-- Opening Marker --
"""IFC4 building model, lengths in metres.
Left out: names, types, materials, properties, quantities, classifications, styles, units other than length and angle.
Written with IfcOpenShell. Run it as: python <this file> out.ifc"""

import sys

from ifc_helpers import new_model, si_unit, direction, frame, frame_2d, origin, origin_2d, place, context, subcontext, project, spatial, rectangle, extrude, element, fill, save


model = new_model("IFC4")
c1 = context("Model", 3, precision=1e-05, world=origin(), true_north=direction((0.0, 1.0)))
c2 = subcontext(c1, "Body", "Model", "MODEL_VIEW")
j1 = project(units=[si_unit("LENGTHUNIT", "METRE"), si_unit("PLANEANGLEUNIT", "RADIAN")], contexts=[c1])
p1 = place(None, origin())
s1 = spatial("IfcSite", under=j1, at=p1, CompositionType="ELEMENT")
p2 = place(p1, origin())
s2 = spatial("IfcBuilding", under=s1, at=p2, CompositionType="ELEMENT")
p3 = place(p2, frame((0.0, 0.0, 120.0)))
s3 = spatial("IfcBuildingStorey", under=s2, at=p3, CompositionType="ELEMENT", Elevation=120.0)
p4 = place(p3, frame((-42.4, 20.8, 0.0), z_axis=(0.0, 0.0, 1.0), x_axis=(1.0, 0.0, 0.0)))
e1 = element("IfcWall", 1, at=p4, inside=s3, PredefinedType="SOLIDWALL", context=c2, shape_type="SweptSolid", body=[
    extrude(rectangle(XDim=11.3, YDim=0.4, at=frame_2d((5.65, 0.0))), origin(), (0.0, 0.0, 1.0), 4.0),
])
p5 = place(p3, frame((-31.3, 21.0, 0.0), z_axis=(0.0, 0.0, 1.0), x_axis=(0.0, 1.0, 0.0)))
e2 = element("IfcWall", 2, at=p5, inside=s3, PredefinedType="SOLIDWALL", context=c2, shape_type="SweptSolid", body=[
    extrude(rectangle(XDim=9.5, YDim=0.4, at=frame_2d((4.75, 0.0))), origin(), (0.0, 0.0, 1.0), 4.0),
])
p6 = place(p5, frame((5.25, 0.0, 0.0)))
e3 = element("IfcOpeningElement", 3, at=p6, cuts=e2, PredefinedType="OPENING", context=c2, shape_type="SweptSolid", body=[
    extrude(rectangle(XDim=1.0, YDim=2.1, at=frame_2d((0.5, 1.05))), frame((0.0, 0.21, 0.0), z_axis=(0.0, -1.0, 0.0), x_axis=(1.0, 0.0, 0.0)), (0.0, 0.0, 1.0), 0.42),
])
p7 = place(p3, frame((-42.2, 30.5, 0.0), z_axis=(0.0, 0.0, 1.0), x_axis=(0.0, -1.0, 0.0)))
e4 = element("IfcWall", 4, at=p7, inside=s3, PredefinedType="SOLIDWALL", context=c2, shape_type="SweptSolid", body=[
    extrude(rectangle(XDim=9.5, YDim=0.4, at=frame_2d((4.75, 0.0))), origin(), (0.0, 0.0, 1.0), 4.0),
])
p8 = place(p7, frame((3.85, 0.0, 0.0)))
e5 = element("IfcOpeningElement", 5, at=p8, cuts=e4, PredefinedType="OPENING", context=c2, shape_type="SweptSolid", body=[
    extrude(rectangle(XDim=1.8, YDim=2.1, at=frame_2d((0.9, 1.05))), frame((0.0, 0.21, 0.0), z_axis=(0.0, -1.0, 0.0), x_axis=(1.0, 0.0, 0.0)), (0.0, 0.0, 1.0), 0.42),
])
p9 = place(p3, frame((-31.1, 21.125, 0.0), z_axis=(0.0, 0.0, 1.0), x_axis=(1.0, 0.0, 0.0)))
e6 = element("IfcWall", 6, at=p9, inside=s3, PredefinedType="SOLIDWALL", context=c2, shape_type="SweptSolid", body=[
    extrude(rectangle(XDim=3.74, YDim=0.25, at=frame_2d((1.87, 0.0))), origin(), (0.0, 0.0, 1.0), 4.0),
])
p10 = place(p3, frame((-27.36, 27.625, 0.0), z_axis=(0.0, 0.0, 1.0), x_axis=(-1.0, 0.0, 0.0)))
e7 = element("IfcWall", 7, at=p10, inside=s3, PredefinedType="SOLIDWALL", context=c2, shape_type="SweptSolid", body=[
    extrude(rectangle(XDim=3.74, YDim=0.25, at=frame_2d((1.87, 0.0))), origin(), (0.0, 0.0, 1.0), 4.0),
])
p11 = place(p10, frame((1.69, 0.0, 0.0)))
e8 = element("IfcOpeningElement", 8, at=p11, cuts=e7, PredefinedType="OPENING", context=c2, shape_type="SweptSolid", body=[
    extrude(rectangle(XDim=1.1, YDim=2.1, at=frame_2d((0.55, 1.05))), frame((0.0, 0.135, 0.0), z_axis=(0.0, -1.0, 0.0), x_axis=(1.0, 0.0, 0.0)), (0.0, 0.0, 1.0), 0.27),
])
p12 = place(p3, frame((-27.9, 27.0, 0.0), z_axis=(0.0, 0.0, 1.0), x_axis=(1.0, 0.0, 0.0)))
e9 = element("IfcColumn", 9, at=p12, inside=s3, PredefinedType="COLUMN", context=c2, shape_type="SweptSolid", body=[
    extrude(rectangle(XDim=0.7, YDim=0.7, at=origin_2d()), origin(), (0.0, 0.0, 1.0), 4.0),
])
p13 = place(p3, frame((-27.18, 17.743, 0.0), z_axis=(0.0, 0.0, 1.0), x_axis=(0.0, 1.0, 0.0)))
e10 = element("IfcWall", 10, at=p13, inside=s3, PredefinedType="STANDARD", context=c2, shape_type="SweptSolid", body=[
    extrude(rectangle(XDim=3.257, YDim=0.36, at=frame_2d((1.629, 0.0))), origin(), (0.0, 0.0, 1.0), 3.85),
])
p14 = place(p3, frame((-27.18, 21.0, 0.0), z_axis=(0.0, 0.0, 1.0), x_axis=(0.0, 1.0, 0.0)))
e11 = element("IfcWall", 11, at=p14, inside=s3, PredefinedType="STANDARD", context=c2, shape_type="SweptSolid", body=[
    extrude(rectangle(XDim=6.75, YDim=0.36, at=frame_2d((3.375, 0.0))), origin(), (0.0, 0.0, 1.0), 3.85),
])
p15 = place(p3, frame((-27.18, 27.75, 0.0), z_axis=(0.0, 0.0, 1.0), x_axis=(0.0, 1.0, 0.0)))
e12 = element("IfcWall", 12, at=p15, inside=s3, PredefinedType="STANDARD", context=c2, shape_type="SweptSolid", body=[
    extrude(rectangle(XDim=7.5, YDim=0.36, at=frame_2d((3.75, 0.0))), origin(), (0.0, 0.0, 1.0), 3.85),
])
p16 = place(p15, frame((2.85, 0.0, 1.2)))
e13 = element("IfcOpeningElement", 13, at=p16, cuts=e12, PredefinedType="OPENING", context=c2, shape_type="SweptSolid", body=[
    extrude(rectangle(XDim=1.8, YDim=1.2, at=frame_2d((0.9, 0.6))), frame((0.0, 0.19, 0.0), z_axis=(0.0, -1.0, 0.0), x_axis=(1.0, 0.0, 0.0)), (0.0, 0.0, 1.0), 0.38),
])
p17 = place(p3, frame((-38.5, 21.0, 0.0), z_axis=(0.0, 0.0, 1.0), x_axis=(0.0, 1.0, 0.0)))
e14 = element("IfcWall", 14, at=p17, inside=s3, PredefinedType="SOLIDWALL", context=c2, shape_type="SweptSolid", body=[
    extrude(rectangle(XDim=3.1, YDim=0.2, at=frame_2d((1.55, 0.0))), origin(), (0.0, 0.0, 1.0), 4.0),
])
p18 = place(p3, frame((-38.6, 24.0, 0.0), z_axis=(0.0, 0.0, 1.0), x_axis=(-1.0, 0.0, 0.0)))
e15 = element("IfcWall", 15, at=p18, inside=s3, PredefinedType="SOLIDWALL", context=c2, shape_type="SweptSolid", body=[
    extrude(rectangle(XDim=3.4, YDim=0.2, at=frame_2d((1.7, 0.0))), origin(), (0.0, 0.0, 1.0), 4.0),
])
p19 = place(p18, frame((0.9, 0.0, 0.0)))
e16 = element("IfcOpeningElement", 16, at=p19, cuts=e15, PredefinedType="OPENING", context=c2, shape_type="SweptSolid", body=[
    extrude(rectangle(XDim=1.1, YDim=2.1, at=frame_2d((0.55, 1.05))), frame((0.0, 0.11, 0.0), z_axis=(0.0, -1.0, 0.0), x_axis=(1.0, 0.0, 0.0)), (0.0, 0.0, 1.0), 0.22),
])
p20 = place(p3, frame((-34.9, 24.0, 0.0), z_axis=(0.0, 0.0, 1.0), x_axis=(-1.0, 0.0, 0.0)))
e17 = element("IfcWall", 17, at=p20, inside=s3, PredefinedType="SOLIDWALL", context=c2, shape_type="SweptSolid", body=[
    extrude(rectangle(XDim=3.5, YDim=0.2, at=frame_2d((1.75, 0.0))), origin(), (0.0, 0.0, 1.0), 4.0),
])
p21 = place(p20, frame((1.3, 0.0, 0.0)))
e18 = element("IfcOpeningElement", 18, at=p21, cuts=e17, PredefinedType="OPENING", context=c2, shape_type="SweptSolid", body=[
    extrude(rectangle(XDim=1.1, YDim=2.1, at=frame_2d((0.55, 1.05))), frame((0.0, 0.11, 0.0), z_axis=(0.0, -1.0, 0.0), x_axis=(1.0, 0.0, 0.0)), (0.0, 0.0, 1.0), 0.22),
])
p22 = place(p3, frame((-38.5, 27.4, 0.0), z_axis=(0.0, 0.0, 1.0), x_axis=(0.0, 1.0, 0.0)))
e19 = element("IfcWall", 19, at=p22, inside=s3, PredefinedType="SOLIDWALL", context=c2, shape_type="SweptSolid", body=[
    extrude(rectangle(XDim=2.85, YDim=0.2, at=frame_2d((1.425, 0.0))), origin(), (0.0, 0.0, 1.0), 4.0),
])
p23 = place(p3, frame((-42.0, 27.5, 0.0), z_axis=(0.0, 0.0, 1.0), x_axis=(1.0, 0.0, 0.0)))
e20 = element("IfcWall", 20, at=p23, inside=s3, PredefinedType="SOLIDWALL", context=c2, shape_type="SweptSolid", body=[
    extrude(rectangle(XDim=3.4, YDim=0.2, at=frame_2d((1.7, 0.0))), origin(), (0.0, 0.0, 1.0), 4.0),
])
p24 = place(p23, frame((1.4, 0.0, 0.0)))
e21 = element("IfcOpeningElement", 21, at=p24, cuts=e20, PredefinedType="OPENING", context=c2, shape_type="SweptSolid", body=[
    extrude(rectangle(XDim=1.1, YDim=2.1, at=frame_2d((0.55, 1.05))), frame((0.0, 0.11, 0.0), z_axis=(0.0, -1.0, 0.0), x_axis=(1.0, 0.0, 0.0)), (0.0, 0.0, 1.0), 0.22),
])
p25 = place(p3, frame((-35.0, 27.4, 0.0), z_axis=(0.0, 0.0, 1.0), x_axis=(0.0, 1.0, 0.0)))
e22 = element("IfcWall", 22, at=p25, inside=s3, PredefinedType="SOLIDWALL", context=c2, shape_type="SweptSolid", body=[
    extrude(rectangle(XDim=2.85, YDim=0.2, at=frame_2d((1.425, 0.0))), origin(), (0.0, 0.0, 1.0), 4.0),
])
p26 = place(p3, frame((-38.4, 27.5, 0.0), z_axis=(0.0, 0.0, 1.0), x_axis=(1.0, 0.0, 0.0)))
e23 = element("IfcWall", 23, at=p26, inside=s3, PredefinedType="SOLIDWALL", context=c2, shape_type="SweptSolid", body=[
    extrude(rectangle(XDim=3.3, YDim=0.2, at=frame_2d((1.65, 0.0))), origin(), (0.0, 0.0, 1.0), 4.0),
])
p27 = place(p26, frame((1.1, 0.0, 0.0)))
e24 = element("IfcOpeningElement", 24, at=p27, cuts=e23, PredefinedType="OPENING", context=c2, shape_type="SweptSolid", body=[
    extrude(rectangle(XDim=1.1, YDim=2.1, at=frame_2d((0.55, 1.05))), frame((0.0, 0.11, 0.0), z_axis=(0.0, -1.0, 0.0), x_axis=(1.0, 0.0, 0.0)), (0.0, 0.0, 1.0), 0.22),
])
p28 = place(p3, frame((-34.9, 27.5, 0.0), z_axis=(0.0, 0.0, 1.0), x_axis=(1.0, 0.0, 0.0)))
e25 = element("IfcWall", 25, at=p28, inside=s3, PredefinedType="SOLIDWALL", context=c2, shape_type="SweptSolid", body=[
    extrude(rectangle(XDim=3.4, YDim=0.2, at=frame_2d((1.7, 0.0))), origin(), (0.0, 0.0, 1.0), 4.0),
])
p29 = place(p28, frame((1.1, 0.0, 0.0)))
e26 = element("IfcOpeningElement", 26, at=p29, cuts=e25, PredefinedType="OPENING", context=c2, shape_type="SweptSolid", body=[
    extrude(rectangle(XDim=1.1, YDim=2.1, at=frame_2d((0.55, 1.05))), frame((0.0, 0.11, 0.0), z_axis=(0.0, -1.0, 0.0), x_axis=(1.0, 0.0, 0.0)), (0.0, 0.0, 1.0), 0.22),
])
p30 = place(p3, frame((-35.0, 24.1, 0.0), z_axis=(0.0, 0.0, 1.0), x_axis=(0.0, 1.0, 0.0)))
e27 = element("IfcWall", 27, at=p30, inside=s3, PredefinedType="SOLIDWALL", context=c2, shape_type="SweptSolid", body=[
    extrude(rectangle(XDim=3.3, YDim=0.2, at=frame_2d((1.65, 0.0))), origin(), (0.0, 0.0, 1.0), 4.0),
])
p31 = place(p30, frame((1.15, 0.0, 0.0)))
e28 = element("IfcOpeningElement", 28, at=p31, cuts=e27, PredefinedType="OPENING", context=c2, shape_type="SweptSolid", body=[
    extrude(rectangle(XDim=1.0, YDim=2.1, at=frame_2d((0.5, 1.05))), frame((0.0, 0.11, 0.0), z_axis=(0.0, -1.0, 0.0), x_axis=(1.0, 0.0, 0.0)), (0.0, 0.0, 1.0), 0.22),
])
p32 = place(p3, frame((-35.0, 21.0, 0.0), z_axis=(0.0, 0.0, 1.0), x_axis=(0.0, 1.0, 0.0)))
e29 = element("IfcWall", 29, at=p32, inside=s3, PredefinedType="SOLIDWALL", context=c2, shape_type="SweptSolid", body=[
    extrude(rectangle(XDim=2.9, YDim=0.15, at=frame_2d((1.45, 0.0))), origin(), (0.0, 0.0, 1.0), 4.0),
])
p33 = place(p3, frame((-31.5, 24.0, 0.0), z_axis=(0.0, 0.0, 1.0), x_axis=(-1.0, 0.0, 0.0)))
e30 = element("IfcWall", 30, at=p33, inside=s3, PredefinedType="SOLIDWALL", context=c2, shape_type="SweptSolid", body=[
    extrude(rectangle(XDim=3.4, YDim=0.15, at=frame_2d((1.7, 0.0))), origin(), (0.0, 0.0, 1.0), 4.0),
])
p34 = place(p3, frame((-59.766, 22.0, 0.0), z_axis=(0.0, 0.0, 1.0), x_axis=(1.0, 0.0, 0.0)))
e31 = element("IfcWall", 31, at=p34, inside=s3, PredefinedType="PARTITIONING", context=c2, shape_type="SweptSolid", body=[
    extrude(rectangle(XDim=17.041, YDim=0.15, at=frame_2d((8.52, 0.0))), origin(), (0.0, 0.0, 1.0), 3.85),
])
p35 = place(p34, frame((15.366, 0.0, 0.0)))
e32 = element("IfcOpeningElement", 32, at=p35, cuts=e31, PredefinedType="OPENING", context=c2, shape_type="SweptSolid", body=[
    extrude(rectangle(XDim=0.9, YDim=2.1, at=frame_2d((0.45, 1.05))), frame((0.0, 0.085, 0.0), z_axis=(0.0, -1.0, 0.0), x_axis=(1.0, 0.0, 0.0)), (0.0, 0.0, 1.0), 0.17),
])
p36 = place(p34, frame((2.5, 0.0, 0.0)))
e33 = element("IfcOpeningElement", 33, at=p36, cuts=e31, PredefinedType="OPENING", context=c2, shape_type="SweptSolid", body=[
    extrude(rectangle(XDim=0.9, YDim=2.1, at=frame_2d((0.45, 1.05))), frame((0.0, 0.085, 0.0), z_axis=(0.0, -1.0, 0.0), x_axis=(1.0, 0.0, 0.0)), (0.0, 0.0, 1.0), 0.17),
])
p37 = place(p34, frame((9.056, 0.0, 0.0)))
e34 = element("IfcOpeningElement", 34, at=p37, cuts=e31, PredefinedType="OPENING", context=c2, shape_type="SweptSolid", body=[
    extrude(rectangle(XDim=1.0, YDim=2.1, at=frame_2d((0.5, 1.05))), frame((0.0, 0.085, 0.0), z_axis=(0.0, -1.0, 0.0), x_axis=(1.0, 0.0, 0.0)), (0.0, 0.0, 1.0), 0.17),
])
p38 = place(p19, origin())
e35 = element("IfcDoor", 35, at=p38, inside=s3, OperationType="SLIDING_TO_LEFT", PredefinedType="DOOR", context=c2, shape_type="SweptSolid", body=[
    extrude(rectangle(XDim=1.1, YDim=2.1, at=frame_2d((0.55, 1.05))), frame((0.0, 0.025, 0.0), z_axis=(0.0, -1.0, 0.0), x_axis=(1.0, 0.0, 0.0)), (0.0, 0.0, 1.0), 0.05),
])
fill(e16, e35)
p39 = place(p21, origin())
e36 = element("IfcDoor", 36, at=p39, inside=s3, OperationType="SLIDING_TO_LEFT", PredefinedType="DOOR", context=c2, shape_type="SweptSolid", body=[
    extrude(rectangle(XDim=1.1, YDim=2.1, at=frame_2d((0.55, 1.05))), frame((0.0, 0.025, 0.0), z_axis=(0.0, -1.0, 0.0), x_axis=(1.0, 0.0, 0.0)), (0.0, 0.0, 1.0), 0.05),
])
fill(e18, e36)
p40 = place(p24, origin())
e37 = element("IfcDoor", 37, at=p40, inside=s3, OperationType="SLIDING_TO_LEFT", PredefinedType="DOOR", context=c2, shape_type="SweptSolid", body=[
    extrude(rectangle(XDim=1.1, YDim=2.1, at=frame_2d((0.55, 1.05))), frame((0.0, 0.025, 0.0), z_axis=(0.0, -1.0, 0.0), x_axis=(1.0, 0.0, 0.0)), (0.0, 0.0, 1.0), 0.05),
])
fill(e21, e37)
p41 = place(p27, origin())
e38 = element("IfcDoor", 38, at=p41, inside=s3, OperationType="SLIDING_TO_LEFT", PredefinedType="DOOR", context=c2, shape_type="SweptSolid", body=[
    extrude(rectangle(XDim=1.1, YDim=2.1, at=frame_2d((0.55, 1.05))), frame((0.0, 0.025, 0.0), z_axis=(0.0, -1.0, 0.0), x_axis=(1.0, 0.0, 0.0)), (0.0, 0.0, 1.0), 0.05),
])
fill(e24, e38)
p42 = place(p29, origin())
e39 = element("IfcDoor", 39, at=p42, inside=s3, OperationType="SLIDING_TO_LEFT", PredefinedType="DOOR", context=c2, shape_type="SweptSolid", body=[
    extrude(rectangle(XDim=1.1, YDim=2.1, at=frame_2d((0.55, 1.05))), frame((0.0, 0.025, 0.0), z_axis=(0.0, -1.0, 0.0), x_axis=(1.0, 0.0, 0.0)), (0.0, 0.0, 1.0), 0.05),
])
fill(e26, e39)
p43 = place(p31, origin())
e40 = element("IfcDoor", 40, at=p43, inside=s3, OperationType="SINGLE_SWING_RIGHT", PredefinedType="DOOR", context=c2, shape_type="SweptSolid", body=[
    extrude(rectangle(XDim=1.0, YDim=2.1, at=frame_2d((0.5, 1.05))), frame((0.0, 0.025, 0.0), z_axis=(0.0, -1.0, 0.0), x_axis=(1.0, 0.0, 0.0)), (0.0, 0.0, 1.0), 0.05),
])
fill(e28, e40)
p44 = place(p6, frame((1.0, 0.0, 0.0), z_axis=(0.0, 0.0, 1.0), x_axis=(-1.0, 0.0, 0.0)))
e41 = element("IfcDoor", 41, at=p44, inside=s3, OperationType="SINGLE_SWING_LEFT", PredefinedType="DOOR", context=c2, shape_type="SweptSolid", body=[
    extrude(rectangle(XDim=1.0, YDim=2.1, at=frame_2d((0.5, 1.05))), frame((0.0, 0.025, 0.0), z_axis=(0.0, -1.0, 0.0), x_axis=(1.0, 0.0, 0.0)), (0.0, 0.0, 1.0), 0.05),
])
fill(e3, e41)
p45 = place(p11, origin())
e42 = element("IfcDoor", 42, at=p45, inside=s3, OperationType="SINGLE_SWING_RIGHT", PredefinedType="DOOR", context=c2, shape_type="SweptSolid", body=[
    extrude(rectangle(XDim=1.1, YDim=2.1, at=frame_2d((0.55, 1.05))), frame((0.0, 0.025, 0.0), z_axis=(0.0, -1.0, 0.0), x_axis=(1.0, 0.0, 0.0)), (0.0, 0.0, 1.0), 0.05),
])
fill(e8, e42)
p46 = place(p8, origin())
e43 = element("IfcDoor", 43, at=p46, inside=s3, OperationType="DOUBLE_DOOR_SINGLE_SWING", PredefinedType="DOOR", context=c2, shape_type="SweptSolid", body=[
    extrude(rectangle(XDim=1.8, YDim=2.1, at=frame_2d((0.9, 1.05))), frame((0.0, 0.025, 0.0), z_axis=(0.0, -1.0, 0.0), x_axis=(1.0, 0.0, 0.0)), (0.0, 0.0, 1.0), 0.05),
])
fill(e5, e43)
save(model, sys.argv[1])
-- Closing Marker --
TASK DETAILS: Number of lines above with the word "units": supply it alone.

EXERCISE RESPONSE: 2